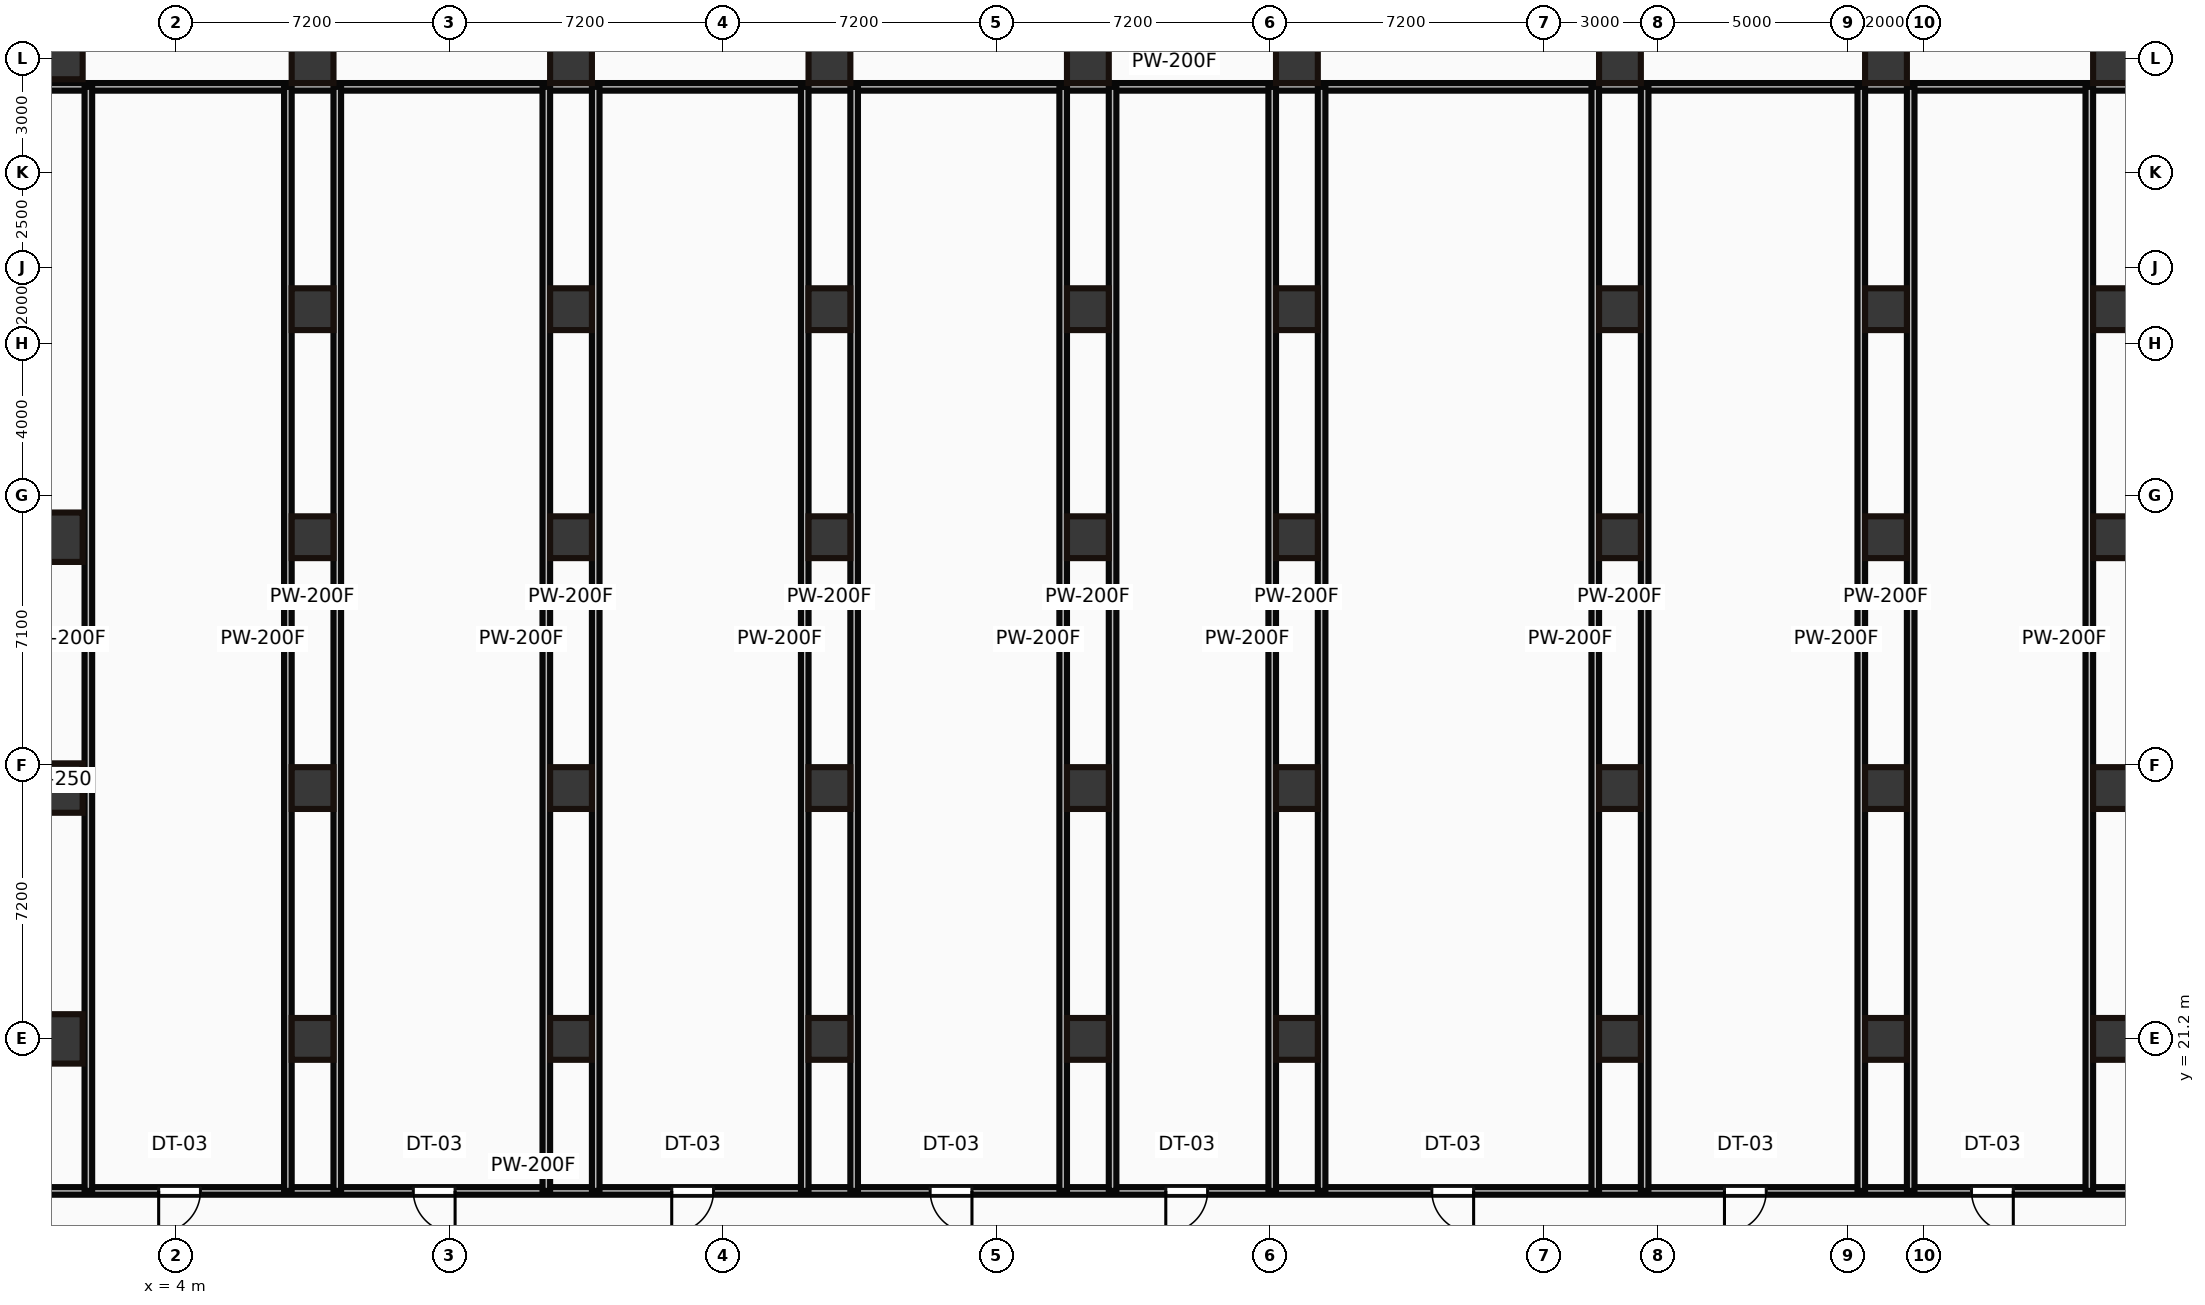
"""IFC4 building model, lengths in metres.
Left out: names, types, materials, properties, quantities, classifications, styles, units other than length and angle.
Written with IfcOpenShell. Run it as: python <this file> out.ifc"""

import sys

from ifc_helpers import new_model, si_unit, direction, frame, frame_2d, origin, origin_2d, place, context, subcontext, project, spatial, rectangle, hollow_rectangle, extrude, source, transform, mapped, element, fill, save


model = new_model("IFC4")
c1 = context("Model", 3, precision=1e-05, world=origin(), true_north=direction((0.0, 1.0)))
c2 = subcontext(c1, "Body", "Model", "MODEL_VIEW")
j1 = project(units=[si_unit("LENGTHUNIT", "METRE"), si_unit("PLANEANGLEUNIT", "RADIAN")], contexts=[c1])
p1 = place(None, origin())
s1 = spatial("IfcSite", under=j1, at=p1, CompositionType="ELEMENT")
p2 = place(p1, origin())
s2 = spatial("IfcBuilding", under=s1, at=p2, CompositionType="ELEMENT")
p3 = place(p2, frame((0.0, 0.0, 26.0)))
s3 = spatial("IfcBuildingStorey", under=s2, at=p3, CompositionType="ELEMENT", Elevation=26.0)
m1 = source(origin(), c2, "Body", "SweptSolid", [
    extrude(hollow_rectangle(XDim=1.1, YDim=1.3, WallThickness=0.055, at=origin_2d()), origin(), (0.0, 0.0, 1.0), 6.5),
])
for number, where, z_axis, x_axis in (
    (1, (1.0, 21.2, 0.0), (0.0, 0.0, 1.0), (1.0, 0.0, 0.0)),
    (2, (1.0, 27.8, 0.0), (0.0, 0.0, 1.0), (1.0, 0.0, 0.0)),
    (3, (1.0, 34.4, 0.0), (0.0, 0.0, 1.0), (1.0, 0.0, 0.0)),
):
    element("IfcColumn", number, at=place(p3, frame(where, z_axis=z_axis, x_axis=x_axis)), inside=s3, PredefinedType="PILASTER", context=c2, shape_type="MappedRepresentation", body=[
        mapped(m1, transform((0.0, 0.0, 0.0))),
    ])
m2 = source(origin(), c2, "Body", "SweptSolid", [
    extrude(hollow_rectangle(XDim=1.1, YDim=1.1, WallThickness=0.05, at=origin_2d()), origin(), (0.0, 0.0, 1.0), 6.5),
])
p4 = place(p3, frame((1.0, 47.0, 0.0), z_axis=(0.0, 0.0, 1.0), x_axis=(1.0, 0.0, 0.0)))
e4 = element("IfcColumn", 4, at=p4, inside=s3, PredefinedType="PILASTER", context=c2, shape_type="MappedRepresentation", body=[
    mapped(m2, transform((0.0, 0.0, 0.0))),
])
for number, where, z_axis, x_axis in (
    (5, (7.6, 47.0, 0.0), (0.0, 0.0, 1.0), (1.0, 0.0, 0.0)),
    (6, (14.4, 47.0, 0.0), (0.0, 0.0, 1.0), (1.0, 0.0, 0.0)),
    (7, (21.2, 47.0, 0.0), (0.0, 0.0, 1.0), (1.0, 0.0, 0.0)),
    (8, (28.0, 47.0, 0.0), (0.0, 0.0, 1.0), (1.0, 0.0, 0.0)),
    (9, (33.5, 47.0, 0.0), (0.0, 0.0, 1.0), (1.0, 0.0, 0.0)),
    (10, (42.0, 47.0, 0.0), (0.0, 0.0, 1.0), (1.0, 0.0, 0.0)),
    (11, (49.0, 47.0, 0.0), (0.0, 0.0, 1.0), (1.0, 0.0, 0.0)),
    (12, (55.0, 47.0, 0.0), (0.0, 0.0, 1.0), (1.0, 0.0, 0.0)),
):
    element("IfcColumn", number, at=place(p3, frame(where, z_axis=z_axis, x_axis=x_axis)), inside=s3, PredefinedType="PILASTER", context=c2, shape_type="MappedRepresentation", body=[
        mapped(m1, transform((0.0, 0.0, 0.0))),
    ])
m3 = source(origin(), c2, "Body", "SweptSolid", [
    extrude(hollow_rectangle(XDim=1.1, YDim=1.1, WallThickness=0.05, at=origin_2d()), origin(), (0.0, 0.0, 1.0), 5.65),
])
for number, where, z_axis, x_axis in (
    (13, (7.6, 21.2, 0.85), (0.0, 0.0, 1.0), (1.0, 0.0, 0.0)),
    (14, (7.6, 27.8, 0.85), (0.0, 0.0, 1.0), (1.0, 0.0, 0.0)),
    (15, (7.6, 34.4, 0.85), (0.0, 0.0, 1.0), (1.0, 0.0, 0.0)),
    (16, (7.6, 40.4, 0.85), (0.0, 0.0, 1.0), (1.0, 0.0, 0.0)),
    (17, (14.4, 21.2, 0.85), (0.0, 0.0, 1.0), (1.0, 0.0, 0.0)),
    (18, (14.4, 27.8, 0.85), (0.0, 0.0, 1.0), (1.0, 0.0, 0.0)),
    (19, (14.4, 34.4, 0.85), (0.0, 0.0, 1.0), (1.0, 0.0, 0.0)),
    (20, (14.4, 40.4, 0.85), (0.0, 0.0, 1.0), (1.0, 0.0, 0.0)),
    (21, (21.2, 21.2, 0.85), (0.0, 0.0, 1.0), (1.0, 0.0, 0.0)),
    (22, (21.2, 27.8, 0.85), (0.0, 0.0, 1.0), (1.0, 0.0, 0.0)),
    (23, (21.2, 34.4, 0.85), (0.0, 0.0, 1.0), (1.0, 0.0, 0.0)),
    (24, (21.2, 40.4, 0.85), (0.0, 0.0, 1.0), (1.0, 0.0, 0.0)),
    (25, (28.0, 21.2, 0.85), (0.0, 0.0, 1.0), (1.0, 0.0, 0.0)),
    (26, (28.0, 27.8, 0.85), (0.0, 0.0, 1.0), (1.0, 0.0, 0.0)),
    (27, (28.0, 34.4, 0.85), (0.0, 0.0, 1.0), (1.0, 0.0, 0.0)),
    (28, (28.0, 40.4, 0.85), (0.0, 0.0, 1.0), (1.0, 0.0, 0.0)),
    (29, (33.5, 21.2, 0.85), (0.0, 0.0, 1.0), (1.0, 0.0, 0.0)),
    (30, (33.5, 27.8, 0.85), (0.0, 0.0, 1.0), (1.0, 0.0, 0.0)),
    (31, (33.5, 34.4, 0.85), (0.0, 0.0, 1.0), (1.0, 0.0, 0.0)),
    (32, (33.5, 40.4, 0.85), (0.0, 0.0, 1.0), (1.0, 0.0, 0.0)),
    (33, (42.0, 21.2, 0.85), (0.0, 0.0, 1.0), (1.0, 0.0, 0.0)),
    (34, (42.0, 27.8, 0.85), (0.0, 0.0, 1.0), (1.0, 0.0, 0.0)),
    (35, (42.0, 34.4, 0.85), (0.0, 0.0, 1.0), (1.0, 0.0, 0.0)),
    (36, (42.0, 40.4, 0.85), (0.0, 0.0, 1.0), (1.0, 0.0, 0.0)),
    (37, (49.0, 21.2, 0.85), (0.0, 0.0, 1.0), (1.0, 0.0, 0.0)),
    (38, (49.0, 27.8, 0.85), (0.0, 0.0, 1.0), (1.0, 0.0, 0.0)),
    (39, (49.0, 34.4, 0.85), (0.0, 0.0, 1.0), (1.0, 0.0, 0.0)),
    (40, (49.0, 40.4, 0.85), (0.0, 0.0, 1.0), (1.0, 0.0, 0.0)),
    (41, (55.0, 21.2, 0.85), (0.0, 0.0, 1.0), (1.0, 0.0, 0.0)),
    (42, (55.0, 27.8, 0.85), (0.0, 0.0, 1.0), (1.0, 0.0, 0.0)),
    (43, (55.0, 34.4, 0.85), (0.0, 0.0, 1.0), (1.0, 0.0, 0.0)),
    (44, (55.0, 40.4, 0.85), (0.0, 0.0, 1.0), (1.0, 0.0, 0.0)),
):
    element("IfcColumn", number, at=place(p3, frame(where, z_axis=z_axis, x_axis=x_axis)), inside=s3, PredefinedType="PILASTER", context=c2, shape_type="MappedRepresentation", body=[
        mapped(m3, transform((0.0, 0.0, 0.0))),
    ])
m4 = source(origin(), c2, "Body", "SweptSolid", [
    extrude(rectangle(XDim=60.25, YDim=0.2, at=frame_2d((30.125, 0.0))), origin(), (0.0, 0.0, 1.0), 6.25),
])
p5 = place(p3, frame((0.15, 17.2, 0.0), z_axis=(0.0, 0.0, 1.0), x_axis=(1.0, 0.0, 0.0)))
e45 = element("IfcWall", 45, at=p5, inside=s3, PredefinedType="PARTITIONING", context=c2, shape_type="MappedRepresentation", body=[
    mapped(m4, transform((0.0, 0.0, 0.0))),
])
p6 = place(p5, frame((3.4, 0.0, 0.0)))
e46 = element("IfcOpeningElement", 46, at=p6, cuts=e45, PredefinedType="OPENING", context=c2, shape_type="SweptSolid", body=[
    extrude(rectangle(XDim=1.1, YDim=2.15, at=frame_2d((0.55, 1.075))), frame((0.0, 0.11, 0.0), z_axis=(0.0, -1.0, 0.0), x_axis=(1.0, 0.0, 0.0)), (0.0, 0.0, 1.0), 0.22),
])
p7 = place(p5, frame((10.1, 0.0, 0.0)))
e47 = element("IfcOpeningElement", 47, at=p7, cuts=e45, PredefinedType="OPENING", context=c2, shape_type="SweptSolid", body=[
    extrude(rectangle(XDim=1.1, YDim=2.15, at=frame_2d((0.55, 1.075))), frame((0.0, 0.11, 0.0), z_axis=(0.0, -1.0, 0.0), x_axis=(1.0, 0.0, 0.0)), (0.0, 0.0, 1.0), 0.22),
])
p8 = place(p5, frame((16.9, 0.0, 0.0)))
e48 = element("IfcOpeningElement", 48, at=p8, cuts=e45, PredefinedType="OPENING", context=c2, shape_type="SweptSolid", body=[
    extrude(rectangle(XDim=1.1, YDim=2.15, at=frame_2d((0.55, 1.075))), frame((0.0, 0.11, 0.0), z_axis=(0.0, -1.0, 0.0), x_axis=(1.0, 0.0, 0.0)), (0.0, 0.0, 1.0), 0.22),
])
p9 = place(p5, frame((23.7, 0.0, 0.0)))
e49 = element("IfcOpeningElement", 49, at=p9, cuts=e45, PredefinedType="OPENING", context=c2, shape_type="SweptSolid", body=[
    extrude(rectangle(XDim=1.1, YDim=2.15, at=frame_2d((0.55, 1.075))), frame((0.0, 0.11, 0.0), z_axis=(0.0, -1.0, 0.0), x_axis=(1.0, 0.0, 0.0)), (0.0, 0.0, 1.0), 0.22),
])
p10 = place(p5, frame((29.9, 0.0, 0.0)))
e50 = element("IfcOpeningElement", 50, at=p10, cuts=e45, PredefinedType="OPENING", context=c2, shape_type="SweptSolid", body=[
    extrude(rectangle(XDim=1.1, YDim=2.15, at=frame_2d((0.55, 1.075))), frame((0.0, 0.11, 0.0), z_axis=(0.0, -1.0, 0.0), x_axis=(1.0, 0.0, 0.0)), (0.0, 0.0, 1.0), 0.22),
])
p11 = place(p5, frame((36.9, 0.0, 0.0)))
e51 = element("IfcOpeningElement", 51, at=p11, cuts=e45, PredefinedType="OPENING", context=c2, shape_type="SweptSolid", body=[
    extrude(rectangle(XDim=1.1, YDim=2.15, at=frame_2d((0.55, 1.075))), frame((0.0, 0.11, 0.0), z_axis=(0.0, -1.0, 0.0), x_axis=(1.0, 0.0, 0.0)), (0.0, 0.0, 1.0), 0.22),
])
p12 = place(p5, frame((44.6, 0.0, 0.0)))
e52 = element("IfcOpeningElement", 52, at=p12, cuts=e45, PredefinedType="OPENING", context=c2, shape_type="SweptSolid", body=[
    extrude(rectangle(XDim=1.1, YDim=2.15, at=frame_2d((0.55, 1.075))), frame((0.0, 0.11, 0.0), z_axis=(0.0, -1.0, 0.0), x_axis=(1.0, 0.0, 0.0)), (0.0, 0.0, 1.0), 0.22),
])
p13 = place(p5, frame((51.1, 0.0, 0.0)))
e53 = element("IfcOpeningElement", 53, at=p13, cuts=e45, PredefinedType="OPENING", context=c2, shape_type="SweptSolid", body=[
    extrude(rectangle(XDim=1.1, YDim=2.15, at=frame_2d((0.55, 1.075))), frame((0.0, 0.11, 0.0), z_axis=(0.0, -1.0, 0.0), x_axis=(1.0, 0.0, 0.0)), (0.0, 0.0, 1.0), 0.22),
])
p14 = place(p3, frame((0.15, 46.25, 0.0), z_axis=(0.0, 0.0, 1.0), x_axis=(1.0, 0.0, 0.0)))
e54 = element("IfcWall", 54, at=p14, inside=s3, PredefinedType="PARTITIONING", context=c2, shape_type="MappedRepresentation", body=[
    mapped(m4, transform((0.0, 0.0, 0.0))),
])
m5 = source(origin(), c2, "Body", "SweptSolid", [
    extrude(rectangle(XDim=29.05, YDim=0.2, at=frame_2d((14.525, 0.0))), origin(), (0.0, 0.0, 1.0), 6.25),
])
for number, where, z_axis, x_axis in (
    (55, (1.7, 17.2, 0.0), (0.0, 0.0, 1.0), (0.0, 1.0, 0.0)),
    (56, (6.95, 17.2, 0.0), (0.0, 0.0, 1.0), (0.0, 1.0, 0.0)),
    (57, (8.25, 17.2, 0.0), (0.0, 0.0, 1.0), (0.0, 1.0, 0.0)),
    (58, (13.75, 17.2, 0.0), (0.0, 0.0, 1.0), (0.0, 1.0, 0.0)),
    (59, (15.05, 17.2, 0.0), (0.0, 0.0, 1.0), (0.0, 1.0, 0.0)),
    (60, (20.55, 17.2, 0.0), (0.0, 0.0, 1.0), (0.0, 1.0, 0.0)),
    (61, (21.85, 17.2, 0.0), (0.0, 0.0, 1.0), (0.0, 1.0, 0.0)),
    (62, (27.35, 17.2, 0.0), (0.0, 0.0, 1.0), (0.0, 1.0, 0.0)),
    (63, (28.65, 17.2, 0.0), (0.0, 0.0, 1.0), (0.0, 1.0, 0.0)),
    (64, (32.85, 17.2, 0.0), (0.0, 0.0, 1.0), (0.0, 1.0, 0.0)),
    (65, (34.15, 17.2, 0.0), (0.0, 0.0, 1.0), (0.0, 1.0, 0.0)),
    (66, (41.35, 17.2, 0.0), (0.0, 0.0, 1.0), (0.0, 1.0, 0.0)),
    (67, (42.65, 17.2, 0.0), (0.0, 0.0, 1.0), (0.0, 1.0, 0.0)),
    (68, (48.35, 17.2, 0.0), (0.0, 0.0, 1.0), (0.0, 1.0, 0.0)),
    (69, (49.65, 17.2, 0.0), (0.0, 0.0, 1.0), (0.0, 1.0, 0.0)),
    (70, (54.35, 17.2, 0.0), (0.0, 0.0, 1.0), (0.0, 1.0, 0.0)),
):
    element("IfcWall", number, at=place(p3, frame(where, z_axis=z_axis, x_axis=x_axis)), inside=s3, PredefinedType="PARTITIONING", context=c2, shape_type="MappedRepresentation", body=[
        mapped(m5, transform((0.0, 0.0, 0.0))),
    ])
m6 = source(origin(), c2, "Body", "SweptSolid", [
    extrude(rectangle(XDim=1.1, YDim=2.15, at=frame_2d((0.55, 1.075))), frame((0.0, 0.025, 0.0), z_axis=(0.0, -1.0, 0.0), x_axis=(1.0, 0.0, 0.0)), (0.0, 0.0, 1.0), 0.05),
])
p15 = place(p6, origin())
e71 = element("IfcDoor", 71, at=p15, inside=s3, OperationType="SINGLE_SWING_LEFT", PredefinedType="DOOR", context=c2, shape_type="MappedRepresentation", body=[
    mapped(m6, transform((0.0, 0.0, 0.0))),
])
fill(e46, e71)
p16 = place(p7, origin())
e72 = element("IfcDoor", 72, at=p16, inside=s3, OperationType="SINGLE_SWING_RIGHT", PredefinedType="DOOR", context=c2, shape_type="MappedRepresentation", body=[
    mapped(m6, transform((0.0, 0.0, 0.0))),
])
fill(e47, e72)
p17 = place(p8, origin())
e73 = element("IfcDoor", 73, at=p17, inside=s3, OperationType="SINGLE_SWING_LEFT", PredefinedType="DOOR", context=c2, shape_type="MappedRepresentation", body=[
    mapped(m6, transform((0.0, 0.0, 0.0))),
])
fill(e48, e73)
p18 = place(p9, origin())
e74 = element("IfcDoor", 74, at=p18, inside=s3, OperationType="SINGLE_SWING_RIGHT", PredefinedType="DOOR", context=c2, shape_type="MappedRepresentation", body=[
    mapped(m6, transform((0.0, 0.0, 0.0))),
])
fill(e49, e74)
p19 = place(p10, origin())
e75 = element("IfcDoor", 75, at=p19, inside=s3, OperationType="SINGLE_SWING_LEFT", PredefinedType="DOOR", context=c2, shape_type="MappedRepresentation", body=[
    mapped(m6, transform((0.0, 0.0, 0.0))),
])
fill(e50, e75)
p20 = place(p11, origin())
e76 = element("IfcDoor", 76, at=p20, inside=s3, OperationType="SINGLE_SWING_RIGHT", PredefinedType="DOOR", context=c2, shape_type="MappedRepresentation", body=[
    mapped(m6, transform((0.0, 0.0, 0.0))),
])
fill(e51, e76)
p21 = place(p12, origin())
e77 = element("IfcDoor", 77, at=p21, inside=s3, OperationType="SINGLE_SWING_LEFT", PredefinedType="DOOR", context=c2, shape_type="MappedRepresentation", body=[
    mapped(m6, transform((0.0, 0.0, 0.0))),
])
fill(e52, e77)
p22 = place(p13, origin())
e78 = element("IfcDoor", 78, at=p22, inside=s3, OperationType="SINGLE_SWING_RIGHT", PredefinedType="DOOR", context=c2, shape_type="MappedRepresentation", body=[
    mapped(m6, transform((0.0, 0.0, 0.0))),
])
fill(e53, e78)
save(model, sys.argv[1])

## Problem details
Both end lines included, restate word for word the lines above from the line with "p17 = place(p8, origin())" to the line with "p18 = place(p9, origin())", and nothing else.

## Problem solution
p17 = place(p8, origin())
e73 = element("IfcDoor", 73, at=p17, inside=s3, OperationType="SINGLE_SWING_LEFT", PredefinedType="DOOR", context=c2, shape_type="MappedRepresentation", body=[
    mapped(m6, transform((0.0, 0.0, 0.0))),
])
fill(e48, e73)
p18 = place(p9, origin())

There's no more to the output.